• **Aim of the task**: Copy exactly the lines of the data below that run from the line holding "#134=VECTOR('',#133,39.37);" through the line holding "#170=CARTESIAN_POINT('',(19.658,52.008,-80.395));", both ends included.

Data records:
┄┄┄┄┄┄┄┄┄┄┄┄┄┄┄┄┄┄┄┄
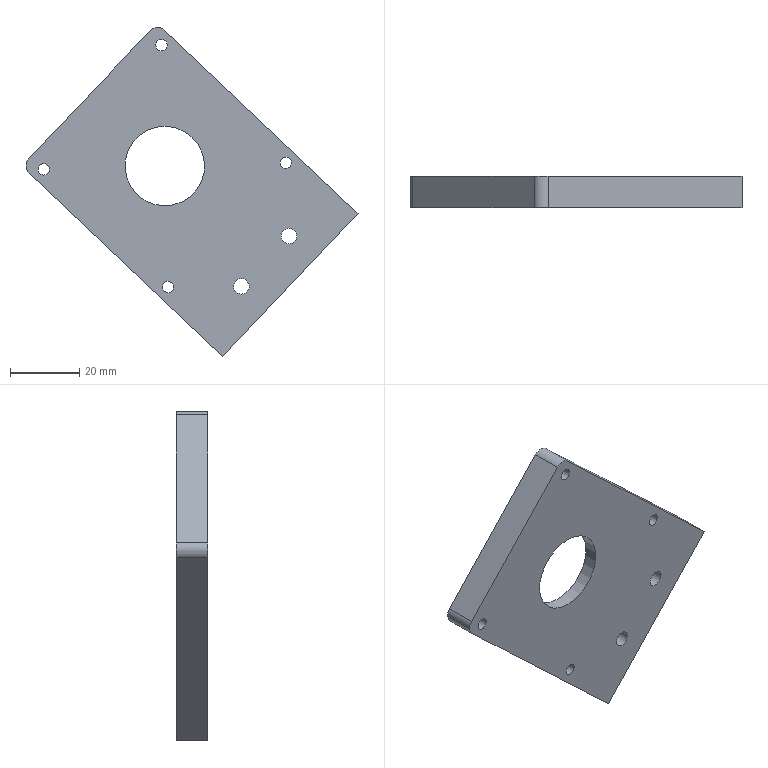Component | SolidWorks | 100-1_Copy(9)-1 | 1 solid | 31 faces | box 96.03 x 9 x 95.16 mm | volume 28622 mm3 | cylinder 22 | plane 9 | commonest cylinder face diameters 3.3 x8 8 x4 4.5 x4 50 x2 6 x2 23 x2
STEP:
#1=COLOUR_RGB('',0.7922,0.8196,0.9333);
#2=FILL_AREA_STYLE_COLOUR('',#1);
#3=FILL_AREA_STYLE('',(#2));
#4=SURFACE_STYLE_FILL_AREA(#3);
#5=SURFACE_SIDE_STYLE('',(#4));
#6=SURFACE_STYLE_USAGE(.BOTH.,#5);
#7=PRESENTATION_STYLE_ASSIGNMENT((#6));
#8=CARTESIAN_POINT('',(19.888,52.165,-78.736));
#9=VERTEX_POINT('',#8);
#10=CARTESIAN_POINT('',(19.265,52.165,-79.394));
#11=VERTEX_POINT('',#10);
#12=CARTESIAN_POINT('',(19.576,52.165,-79.065));
#13=DIRECTION('',(-0.,1.,0.));
#14=DIRECTION('',(-0.6879,0.,-0.7258));
#15=AXIS2_PLACEMENT_3D('',#12,#13,#14);
#16=CIRCLE('',#15,0.4528);
#17=EDGE_CURVE('',#9,#11,#16,.T.);
#18=ORIENTED_EDGE('',*,*,#17,.F.);
#19=CARTESIAN_POINT('',(19.576,52.165,-79.065));
#20=DIRECTION('',(-0.,1.,0.));
#21=DIRECTION('',(-0.6879,0.,-0.7258));
#22=AXIS2_PLACEMENT_3D('',#19,#20,#21);
#23=CIRCLE('',#22,0.4528);
#24=EDGE_CURVE('',#11,#9,#23,.T.);
#25=ORIENTED_EDGE('',*,*,#24,.F.);
#26=EDGE_LOOP('',(#18,#25));
#27=FACE_BOUND('',#26,.T.);
#28=CARTESIAN_POINT('',(18.899,52.165,-79.779));
#29=VERTEX_POINT('',#28);
#30=CARTESIAN_POINT('',(20.253,52.165,-78.351));
#31=VERTEX_POINT('',#30);
#32=CARTESIAN_POINT('',(19.576,52.165,-79.065));
#33=DIRECTION('',(-0.,1.,0.));
#34=DIRECTION('',(-0.6879,0.,-0.7258));
#35=AXIS2_PLACEMENT_3D('',#32,#33,#34);
#36=CIRCLE('',#35,0.9843);
#37=EDGE_CURVE('',#29,#31,#36,.T.);
#38=ORIENTED_EDGE('',*,*,#37,.T.);
#39=CARTESIAN_POINT('',(19.576,52.165,-79.065));
#40=DIRECTION('',(-0.,1.,0.));
#41=DIRECTION('',(-0.6879,0.,-0.7258));
#42=AXIS2_PLACEMENT_3D('',#39,#40,#41);
#43=CIRCLE('',#42,0.9843);
#44=EDGE_CURVE('',#31,#29,#43,.T.);
#45=ORIENTED_EDGE('',*,*,#44,.T.);
#46=EDGE_LOOP('',(#38,#45));
#47=FACE_OUTER_BOUND('',#46,.T.);
#48=CARTESIAN_POINT('',(19.576,52.165,-79.065));
#49=DIRECTION('',(-0.,1.,0.));
#50=DIRECTION('',(-0.6879,-0.,-0.7258));
#51=AXIS2_PLACEMENT_3D('',#48,#49,#50);
#52=PLANE('',#51);
#53=ADVANCED_FACE('',(#27,#47),#52,.T.);
#54=CARTESIAN_POINT('',(20.253,52.362,-78.351));
#55=VERTEX_POINT('',#54);
#56=CARTESIAN_POINT('',(20.253,52.165,-78.351));
#57=DIRECTION('',(-0.,1.,0.));
#58=VECTOR('',#57,39.37);
#59=LINE('',#56,#58);
#60=EDGE_CURVE('',#31,#55,#59,.T.);
#61=ORIENTED_EDGE('',*,*,#60,.F.);
#62=ORIENTED_EDGE('',*,*,#37,.F.);
#63=CARTESIAN_POINT('',(18.899,52.362,-79.779));
#64=VERTEX_POINT('',#63);
#65=CARTESIAN_POINT('',(18.899,52.165,-79.779));
#66=DIRECTION('',(-0.,1.,0.));
#67=VECTOR('',#66,39.37);
#68=LINE('',#65,#67);
#69=EDGE_CURVE('',#29,#64,#68,.T.);
#70=ORIENTED_EDGE('',*,*,#69,.T.);
#71=CARTESIAN_POINT('',(19.576,52.362,-79.065));
#72=DIRECTION('',(-0.,1.,0.));
#73=DIRECTION('',(-0.6879,0.,-0.7258));
#74=AXIS2_PLACEMENT_3D('',#71,#72,#73);
#75=CIRCLE('',#74,0.9843);
#76=EDGE_CURVE('',#64,#55,#75,.T.);
#77=ORIENTED_EDGE('',*,*,#76,.T.);
#78=EDGE_LOOP('',(#61,#62,#70,#77));
#79=FACE_OUTER_BOUND('',#78,.T.);
#80=CARTESIAN_POINT('',(19.576,52.165,-79.065));
#81=DIRECTION('',(-0.,1.,0.));
#82=DIRECTION('',(-0.6879,0.,-0.7258));
#83=AXIS2_PLACEMENT_3D('',#80,#81,#82);
#84=CYLINDRICAL_SURFACE('',#83,0.9843);
#85=ADVANCED_FACE('',(#79),#84,.F.);
#86=CARTESIAN_POINT('',(19.584,52.008,-77.64));
#87=VERTEX_POINT('',#86);
#88=CARTESIAN_POINT('',(19.584,52.362,-77.64));
#89=VERTEX_POINT('',#88);
#90=CARTESIAN_POINT('',(19.584,52.362,-77.64));
#91=DIRECTION('',(-0.,1.,0.));
#92=VECTOR('',#91,39.37);
#93=LINE('',#90,#92);
#94=EDGE_CURVE('',#87,#89,#93,.T.);
#95=ORIENTED_EDGE('',*,*,#94,.F.);
#96=CARTESIAN_POINT('',(19.494,52.008,-77.735));
#97=VERTEX_POINT('',#96);
#98=CARTESIAN_POINT('',(19.539,52.008,-77.687));
#99=DIRECTION('',(-0.,1.,0.));
#100=DIRECTION('',(-0.6879,0.,-0.7258));
#101=AXIS2_PLACEMENT_3D('',#98,#99,#100);
#102=CIRCLE('',#101,0.06496);
#103=EDGE_CURVE('',#97,#87,#102,.T.);
#104=ORIENTED_EDGE('',*,*,#103,.F.);
#105=CARTESIAN_POINT('',(19.494,52.362,-77.735));
#106=VERTEX_POINT('',#105);
#107=CARTESIAN_POINT('',(19.494,52.362,-77.735));
#108=DIRECTION('',(-0.,1.,0.));
#109=VECTOR('',#108,39.37);
#110=LINE('',#107,#109);
#111=EDGE_CURVE('',#97,#106,#110,.T.);
#112=ORIENTED_EDGE('',*,*,#111,.T.);
#113=CARTESIAN_POINT('',(19.539,52.362,-77.687));
#114=DIRECTION('',(-0.,1.,0.));
#115=DIRECTION('',(-0.6879,0.,-0.7258));
#116=AXIS2_PLACEMENT_3D('',#113,#114,#115);
#117=CIRCLE('',#116,0.06496);
#118=EDGE_CURVE('',#106,#89,#117,.T.);
#119=ORIENTED_EDGE('',*,*,#118,.T.);
#120=EDGE_LOOP('',(#95,#104,#112,#119));
#121=FACE_OUTER_BOUND('',#120,.T.);
#122=CARTESIAN_POINT('',(19.539,52.362,-77.687));
#123=DIRECTION('',(-0.,1.,0.));
#124=DIRECTION('',(-0.6879,0.,-0.7258));
#125=AXIS2_PLACEMENT_3D('',#122,#123,#124);
#126=CYLINDRICAL_SURFACE('',#125,0.06496);
#127=ADVANCED_FACE('',(#121),#126,.F.);
#128=CARTESIAN_POINT('',(18.243,52.008,-79.055));
#129=VERTEX_POINT('',#128);
#130=CARTESIAN_POINT('',(18.243,52.362,-79.055));
#131=VERTEX_POINT('',#130);
#132=CARTESIAN_POINT('',(18.243,52.362,-79.055));
#133=DIRECTION('',(-0.,1.,0.));
#134=VECTOR('',#133,39.37);
#135=LINE('',#132,#134);
#136=EDGE_CURVE('',#129,#131,#135,.T.);
#137=ORIENTED_EDGE('',*,*,#136,.F.);
#138=CARTESIAN_POINT('',(18.154,52.008,-79.149));
#139=VERTEX_POINT('',#138);
#140=CARTESIAN_POINT('',(18.199,52.008,-79.102));
#141=DIRECTION('',(-0.,1.,0.));
#142=DIRECTION('',(-0.6879,0.,-0.7258));
#143=AXIS2_PLACEMENT_3D('',#140,#141,#142);
#144=CIRCLE('',#143,0.06496);
#145=EDGE_CURVE('',#139,#129,#144,.T.);
#146=ORIENTED_EDGE('',*,*,#145,.F.);
#147=CARTESIAN_POINT('',(18.154,52.362,-79.149));
#148=VERTEX_POINT('',#147);
#149=CARTESIAN_POINT('',(18.154,52.362,-79.149));
#150=DIRECTION('',(-0.,1.,0.));
#151=VECTOR('',#150,39.37);
#152=LINE('',#149,#151);
#153=EDGE_CURVE('',#139,#148,#152,.T.);
#154=ORIENTED_EDGE('',*,*,#153,.T.);
#155=CARTESIAN_POINT('',(18.199,52.362,-79.102));
#156=DIRECTION('',(-0.,1.,0.));
#157=DIRECTION('',(-0.6879,0.,-0.7258));
#158=AXIS2_PLACEMENT_3D('',#155,#156,#157);
#159=CIRCLE('',#158,0.06496);
#160=EDGE_CURVE('',#148,#131,#159,.T.);
#161=ORIENTED_EDGE('',*,*,#160,.T.);
#162=EDGE_LOOP('',(#137,#146,#154,#161));
#163=FACE_OUTER_BOUND('',#162,.T.);
#164=CARTESIAN_POINT('',(18.199,52.362,-79.102));
#165=DIRECTION('',(-0.,1.,0.));
#166=DIRECTION('',(-0.6879,0.,-0.7258));
#167=AXIS2_PLACEMENT_3D('',#164,#165,#166);
#168=CYLINDRICAL_SURFACE('',#167,0.06496);
#169=ADVANCED_FACE('',(#163),#168,.F.);
#170=CARTESIAN_POINT('',(19.658,52.008,-80.395));
#171=VERTEX_POINT('',#170);
#172=CARTESIAN_POINT('',(19.658,52.362,-80.395));
#173=VERTEX_POINT('',#172);
#174=CARTESIAN_POINT('',(19.658,52.362,-80.395));
#175=DIRECTION('',(-0.,1.,0.));
#176=VECTOR('',#175,39.37);
#177=LINE('',#174,#176);
#178=EDGE_CURVE('',#171,#173,#177,.T.);
#179=ORIENTED_EDGE('',*,*,#178,.F.);
#180=CARTESIAN_POINT('',(19.568,52.008,-80.49));
#181=VERTEX_POINT('',#180);
#182=CARTESIAN_POINT('',(19.613,52.008,-80.442));
#183=DIRECTION('',(-0.,1.,0.));
#184=DIRECTION('',(-0.6879,0.,-0.7258));
#185=AXIS2_PLACEMENT_3D('',#182,#183,#184);
#186=CIRCLE('',#185,0.06496);
#187=EDGE_CURVE('',#181,#171,#186,.T.);
#188=ORIENTED_EDGE('',*,*,#187,.F.);
#189=CARTESIAN_POINT('',(19.568,52.362,-80.49));
#190=VERTEX_POINT('',#189);
#191=CARTESIAN_POINT('',(19.568,52.362,-80.49));
#192=DIRECTION('',(-0.,1.,0.));
#193=VECTOR('',#192,39.37);
#194=LINE('',#191,#193);
#195=EDGE_CURVE('',#181,#190,#194,.T.);
#196=ORIENTED_EDGE('',*,*,#195,.T.);
#197=CARTESIAN_POINT('',(19.613,52.362,-80.442));
#198=DIRECTION('',(-0.,1.,0.));
#199=DIRECTION('',(-0.6879,0.,-0.7258));
#200=AXIS2_PLACEMENT_3D('',#197,#198,#199);
#201=CIRCLE('',#200,0.06496);
#202=EDGE_CURVE('',#190,#173,#201,.T.);
#203=ORIENTED_EDGE('',*,*,#202,.T.);
#204=EDGE_LOOP('',(#179,#188,#196,#203));
#205=FACE_OUTER_BOUND('',#204,.T.);
#206=CARTESIAN_POINT('',(19.613,52.362,-80.442));
#207=DIRECTION('',(-0.,1.,0.));
#208=DIRECTION('',(-0.6879,0.,-0.7258));
#209=AXIS2_PLACEMENT_3D('',#206,#207,#208);
#210=CYLINDRICAL_SURFACE('',#209,0.06496);
#211=ADVANCED_FACE('',(#205),#210,.F.);
#212=CARTESIAN_POINT('',(20.998,52.008,-78.981));
#213=VERTEX_POINT('',#212);
#214=CARTESIAN_POINT('',(20.998,52.362,-78.981));
#215=VERTEX_POINT('',#214);
#216=CARTESIAN_POINT('',(20.998,52.362,-78.981));
#217=DIRECTION('',(-0.,1.,0.));
#218=VECTOR('',#217,39.37);
#219=LINE('',#216,#218);
#220=EDGE_CURVE('',#213,#215,#219,.T.);
#221=ORIENTED_EDGE('',*,*,#220,.F.);
#222=CARTESIAN_POINT('',(20.909,52.008,-79.075));
#223=VERTEX_POINT('',#222);
#224=CARTESIAN_POINT('',(20.954,52.008,-79.028));
#225=DIRECTION('',(-0.,1.,0.));
#226=DIRECTION('',(-0.6879,0.,-0.7258));
#227=AXIS2_PLACEMENT_3D('',#224,#225,#226);
#228=CIRCLE('',#227,0.06496);
#229=EDGE_CURVE('',#223,#213,#228,.T.);
#230=ORIENTED_EDGE('',*,*,#229,.F.);
#231=CARTESIAN_POINT('',(20.909,52.362,-79.075));
#232=VERTEX_POINT('',#231);
#233=CARTESIAN_POINT('',(20.909,52.362,-79.075));
#234=DIRECTION('',(-0.,1.,0.));
#235=VECTOR('',#234,39.37);
#236=LINE('',#233,#235);
#237=EDGE_CURVE('',#223,#232,#236,.T.);
#238=ORIENTED_EDGE('',*,*,#237,.T.);
#239=CARTESIAN_POINT('',(20.954,52.362,-79.028));
#240=DIRECTION('',(-0.,1.,0.));
#241=DIRECTION('',(-0.6879,0.,-0.7258));
#242=AXIS2_PLACEMENT_3D('',#239,#240,#241);
#243=CIRCLE('',#242,0.06496);
#244=EDGE_CURVE('',#232,#215,#243,.T.);
#245=ORIENTED_EDGE('',*,*,#244,.T.);
#246=EDGE_LOOP('',(#221,#230,#238,#245));
#247=FACE_OUTER_BOUND('',#246,.T.);
#248=CARTESIAN_POINT('',(20.954,52.362,-79.028));
#249=DIRECTION('',(-0.,1.,0.));
#250=DIRECTION('',(-0.6879,0.,-0.7258));
#251=AXIS2_PLACEMENT_3D('',#248,#249,#250);
#252=CYLINDRICAL_SURFACE('',#251,0.06496);
#253=ADVANCED_FACE('',(#247),#252,.F.);
#254=CARTESIAN_POINT('',(19.409,52.362,-77.524));
#255=VERTEX_POINT('',#254);
#256=CARTESIAN_POINT('',(19.576,52.362,-77.519));
#257=VERTEX_POINT('',#256);
#258=CARTESIAN_POINT('',(19.495,52.362,-77.605));
#259=DIRECTION('',(-0.,1.,0.));
#260=DIRECTION('',(0.6879,0.,0.7258));
#261=AXIS2_PLACEMENT_3D('',#258,#259,#260);
#262=CIRCLE('',#261,0.1181);
#263=EDGE_CURVE('',#255,#257,#262,.T.);
#264=ORIENTED_EDGE('',*,*,#263,.F.);
#265=CARTESIAN_POINT('',(19.409,52.008,-77.524));
#266=VERTEX_POINT('',#265);
#267=CARTESIAN_POINT('',(19.409,52.362,-77.524));
#268=DIRECTION('',(-0.,1.,0.));
#269=VECTOR('',#268,39.37);
#270=LINE('',#267,#269);
#271=EDGE_CURVE('',#266,#255,#270,.T.);
#272=ORIENTED_EDGE('',*,*,#271,.F.);
#273=CARTESIAN_POINT('',(19.576,52.008,-77.519));
#274=VERTEX_POINT('',#273);
#275=CARTESIAN_POINT('',(19.495,52.008,-77.605));
#276=DIRECTION('',(0.,-1.,-0.));
#277=DIRECTION('',(0.6879,0.,0.7258));
#278=AXIS2_PLACEMENT_3D('',#275,#276,#277);
#279=CIRCLE('',#278,0.1181);
#280=EDGE_CURVE('',#274,#266,#279,.T.);
#281=ORIENTED_EDGE('',*,*,#280,.F.);
#282=CARTESIAN_POINT('',(19.576,52.362,-77.519));
#283=DIRECTION('',(0.,-1.,-0.));
#284=VECTOR('',#283,39.37);
#285=LINE('',#282,#284);
#286=EDGE_CURVE('',#257,#274,#285,.T.);
#287=ORIENTED_EDGE('',*,*,#286,.F.);
#288=EDGE_LOOP('',(#264,#272,#281,#287));
#289=FACE_OUTER_BOUND('',#288,.T.);
#290=CARTESIAN_POINT('',(19.495,52.362,-77.605));
#291=DIRECTION('',(0.,-1.,-0.));
#292=DIRECTION('',(0.6879,0.,0.7258));
#293=AXIS2_PLACEMENT_3D('',#290,#291,#292);
#294=CYLINDRICAL_SURFACE('',#293,0.1181);
#295=ADVANCED_FACE('',(#289),#294,.T.);
#296=CARTESIAN_POINT('',(18.033,52.362,-79.148));
#297=VERTEX_POINT('',#296);
#298=CARTESIAN_POINT('',(18.028,52.362,-78.981));
#299=VERTEX_POINT('',#298);
#300=CARTESIAN_POINT('',(18.114,52.362,-79.062));
#301=DIRECTION('',(-0.,1.,0.));
#302=DIRECTION('',(0.6879,0.,0.7258));
#303=AXIS2_PLACEMENT_3D('',#300,#301,#302);
#304=CIRCLE('',#303,0.1181);
#305=EDGE_CURVE('',#297,#299,#304,.T.);
#306=ORIENTED_EDGE('',*,*,#305,.F.);
#307=CARTESIAN_POINT('',(18.033,52.008,-79.148));
#308=VERTEX_POINT('',#307);
#309=CARTESIAN_POINT('',(18.033,52.362,-79.148));
#310=DIRECTION('',(-0.,1.,0.));
#311=VECTOR('',#310,39.37);
#312=LINE('',#309,#311);
#313=EDGE_CURVE('',#308,#297,#312,.T.);
#314=ORIENTED_EDGE('',*,*,#313,.F.);
#315=CARTESIAN_POINT('',(18.028,52.008,-78.981));
#316=VERTEX_POINT('',#315);
#317=CARTESIAN_POINT('',(18.114,52.008,-79.062));
#318=DIRECTION('',(0.,-1.,-0.));
#319=DIRECTION('',(0.6879,0.,0.7258));
#320=AXIS2_PLACEMENT_3D('',#317,#318,#319);
#321=CIRCLE('',#320,0.1181);
#322=EDGE_CURVE('',#316,#308,#321,.T.);
#323=ORIENTED_EDGE('',*,*,#322,.F.);
#324=CARTESIAN_POINT('',(18.028,52.362,-78.981));
#325=DIRECTION('',(0.,-1.,-0.));
#326=VECTOR('',#325,39.37);
#327=LINE('',#324,#326);
#328=EDGE_CURVE('',#299,#316,#327,.T.);
#329=ORIENTED_EDGE('',*,*,#328,.F.);
#330=EDGE_LOOP('',(#306,#314,#323,#329));
#331=FACE_OUTER_BOUND('',#330,.T.);
#332=CARTESIAN_POINT('',(18.114,52.362,-79.062));
#333=DIRECTION('',(0.,-1.,-0.));
#334=DIRECTION('',(0.6879,0.,0.7258));
#335=AXIS2_PLACEMENT_3D('',#332,#333,#334);
#336=CYLINDRICAL_SURFACE('',#335,0.1181);
#337=ADVANCED_FACE('',(#331),#336,.T.);
#338=CARTESIAN_POINT('',(21.098,52.185,-79.748));
#339=VERTEX_POINT('',#338);
#340=CARTESIAN_POINT('',(21.098,52.362,-79.748));
#341=VERTEX_POINT('',#340);
#342=CARTESIAN_POINT('',(21.098,52.362,-79.748));
#343=DIRECTION('',(-0.,1.,0.));
#344=VECTOR('',#343,39.37);
#345=LINE('',#342,#344);
#346=EDGE_CURVE('',#339,#341,#345,.T.);
#347=ORIENTED_EDGE('',*,*,#346,.F.);
#348=CARTESIAN_POINT('',(20.882,52.185,-79.977));
#349=VERTEX_POINT('',#348);
#350=CARTESIAN_POINT('',(20.99,52.185,-79.862));
#351=DIRECTION('',(-0.,1.,0.));
#352=DIRECTION('',(-0.6879,0.,-0.7258));
#353=AXIS2_PLACEMENT_3D('',#350,#351,#352);
#354=CIRCLE('',#353,0.1575);
#355=EDGE_CURVE('',#349,#339,#354,.T.);
#356=ORIENTED_EDGE('',*,*,#355,.F.);
#357=CARTESIAN_POINT('',(20.882,52.362,-79.977));
#358=VERTEX_POINT('',#357);
#359=CARTESIAN_POINT('',(20.882,52.362,-79.977));
#360=DIRECTION('',(-0.,1.,0.));
#361=VECTOR('',#360,39.37);
#362=LINE('',#359,#361);
#363=EDGE_CURVE('',#349,#358,#362,.T.);
#364=ORIENTED_EDGE('',*,*,#363,.T.);
#365=CARTESIAN_POINT('',(20.99,52.362,-79.862));
#366=DIRECTION('',(-0.,1.,0.));
#367=DIRECTION('',(-0.6879,0.,-0.7258));
#368=AXIS2_PLACEMENT_3D('',#365,#366,#367);
#369=CIRCLE('',#368,0.1575);
#370=EDGE_CURVE('',#358,#341,#369,.T.);
#371=ORIENTED_EDGE('',*,*,#370,.T.);
#372=EDGE_LOOP('',(#347,#356,#364,#371));
#373=FACE_OUTER_BOUND('',#372,.T.);
#374=CARTESIAN_POINT('',(20.99,52.362,-79.862));
#375=DIRECTION('',(-0.,1.,0.));
#376=DIRECTION('',(-0.6879,0.,-0.7258));
#377=AXIS2_PLACEMENT_3D('',#374,#375,#376);
#378=CYLINDRICAL_SURFACE('',#377,0.1575);
#379=ADVANCED_FACE('',(#373),#378,.F.);
#380=CARTESIAN_POINT('',(20.929,52.185,-79.927));
#381=VERTEX_POINT('',#380);
#382=CARTESIAN_POINT('',(21.051,52.185,-79.798));
#383=VERTEX_POINT('',#382);
#384=CARTESIAN_POINT('',(20.99,52.185,-79.862));
#385=DIRECTION('',(-0.,1.,0.));
#386=DIRECTION('',(-0.6879,0.,-0.7258));
#387=AXIS2_PLACEMENT_3D('',#384,#385,#386);
#388=CIRCLE('',#387,0.08858);
#389=EDGE_CURVE('',#381,#383,#388,.T.);
#390=ORIENTED_EDGE('',*,*,#389,.F.);
#391=CARTESIAN_POINT('',(20.99,52.185,-79.862));
#392=DIRECTION('',(-0.,1.,0.));
#393=DIRECTION('',(-0.6879,0.,-0.7258));
#394=AXIS2_PLACEMENT_3D('',#391,#392,#393);
#395=CIRCLE('',#394,0.08858);
#396=EDGE_CURVE('',#383,#381,#395,.T.);
#397=ORIENTED_EDGE('',*,*,#396,.F.);
#398=EDGE_LOOP('',(#390,#397));
#399=FACE_BOUND('',#398,.T.);
#400=ORIENTED_EDGE('',*,*,#355,.T.);
#401=CARTESIAN_POINT('',(20.99,52.185,-79.862));
#402=DIRECTION('',(-0.,1.,0.));
#403=DIRECTION('',(-0.6879,0.,-0.7258));
#404=AXIS2_PLACEMENT_3D('',#401,#402,#403);
#405=CIRCLE('',#404,0.1575);
#406=EDGE_CURVE('',#339,#349,#405,.T.);
#407=ORIENTED_EDGE('',*,*,#406,.T.);
#408=EDGE_LOOP('',(#400,#407));
#409=FACE_OUTER_BOUND('',#408,.T.);
#410=CARTESIAN_POINT('',(20.929,52.185,-79.927));
#411=DIRECTION('',(0.,-1.,-0.));
#412=DIRECTION('',(0.7258,0.,-0.6879));
#413=AXIS2_PLACEMENT_3D('',#410,#411,#412);
#414=PLANE('',#413);
#415=ADVANCED_FACE('',(#399,#409),#414,.F.);
#416=CARTESIAN_POINT('',(21.051,52.008,-79.798));
#417=VERTEX_POINT('',#416);
#418=CARTESIAN_POINT('',(21.051,52.362,-79.798));
#419=DIRECTION('',(-0.,1.,0.));
#420=VECTOR('',#419,39.37);
#421=LINE('',#418,#420);
#422=EDGE_CURVE('',#417,#383,#421,.T.);
#423=ORIENTED_EDGE('',*,*,#422,.F.);
#424=CARTESIAN_POINT('',(20.929,52.008,-79.927));
#425=VERTEX_POINT('',#424);
#426=CARTESIAN_POINT('',(20.99,52.008,-79.862));
#427=DIRECTION('',(-0.,1.,0.));
#428=DIRECTION('',(-0.6879,0.,-0.7258));
#429=AXIS2_PLACEMENT_3D('',#426,#427,#428);
#430=CIRCLE('',#429,0.08858);
#431=EDGE_CURVE('',#425,#417,#430,.T.);
#432=ORIENTED_EDGE('',*,*,#431,.F.);
#433=CARTESIAN_POINT('',(20.929,52.362,-79.927));
#434=DIRECTION('',(-0.,1.,0.));
#435=VECTOR('',#434,39.37);
#436=LINE('',#433,#435);
#437=EDGE_CURVE('',#425,#381,#436,.T.);
#438=ORIENTED_EDGE('',*,*,#437,.T.);
#439=ORIENTED_EDGE('',*,*,#389,.T.);
#440=EDGE_LOOP('',(#423,#432,#438,#439));
#441=FACE_OUTER_BOUND('',#440,.T.);
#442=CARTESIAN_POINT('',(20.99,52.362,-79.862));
┄┄┄┄┄┄┄┄┄┄┄┄┄┄┄┄┄┄┄┄
• **Written solution**:
#134=VECTOR('',#133,39.37);
#135=LINE('',#132,#134);
#136=EDGE_CURVE('',#129,#131,#135,.T.);
#137=ORIENTED_EDGE('',*,*,#136,.F.);
#138=CARTESIAN_POINT('',(18.154,52.008,-79.149));
#139=VERTEX_POINT('',#138);
#140=CARTESIAN_POINT('',(18.199,52.008,-79.102));
#141=DIRECTION('',(-0.,1.,0.));
#142=DIRECTION('',(-0.6879,0.,-0.7258));
#143=AXIS2_PLACEMENT_3D('',#140,#141,#142);
#144=CIRCLE('',#143,0.06496);
#145=EDGE_CURVE('',#139,#129,#144,.T.);
#146=ORIENTED_EDGE('',*,*,#145,.F.);
#147=CARTESIAN_POINT('',(18.154,52.362,-79.149));
#148=VERTEX_POINT('',#147);
#149=CARTESIAN_POINT('',(18.154,52.362,-79.149));
#150=DIRECTION('',(-0.,1.,0.));
#151=VECTOR('',#150,39.37);
#152=LINE('',#149,#151);
#153=EDGE_CURVE('',#139,#148,#152,.T.);
#154=ORIENTED_EDGE('',*,*,#153,.T.);
#155=CARTESIAN_POINT('',(18.199,52.362,-79.102));
#156=DIRECTION('',(-0.,1.,0.));
#157=DIRECTION('',(-0.6879,0.,-0.7258));
#158=AXIS2_PLACEMENT_3D('',#155,#156,#157);
#159=CIRCLE('',#158,0.06496);
#160=EDGE_CURVE('',#148,#131,#159,.T.);
#161=ORIENTED_EDGE('',*,*,#160,.T.);
#162=EDGE_LOOP('',(#137,#146,#154,#161));
#163=FACE_OUTER_BOUND('',#162,.T.);
#164=CARTESIAN_POINT('',(18.199,52.362,-79.102));
#165=DIRECTION('',(-0.,1.,0.));
#166=DIRECTION('',(-0.6879,0.,-0.7258));
#167=AXIS2_PLACEMENT_3D('',#164,#165,#166);
#168=CYLINDRICAL_SURFACE('',#167,0.06496);
#169=ADVANCED_FACE('',(#163),#168,.F.);
#170=CARTESIAN_POINT('',(19.658,52.008,-80.395));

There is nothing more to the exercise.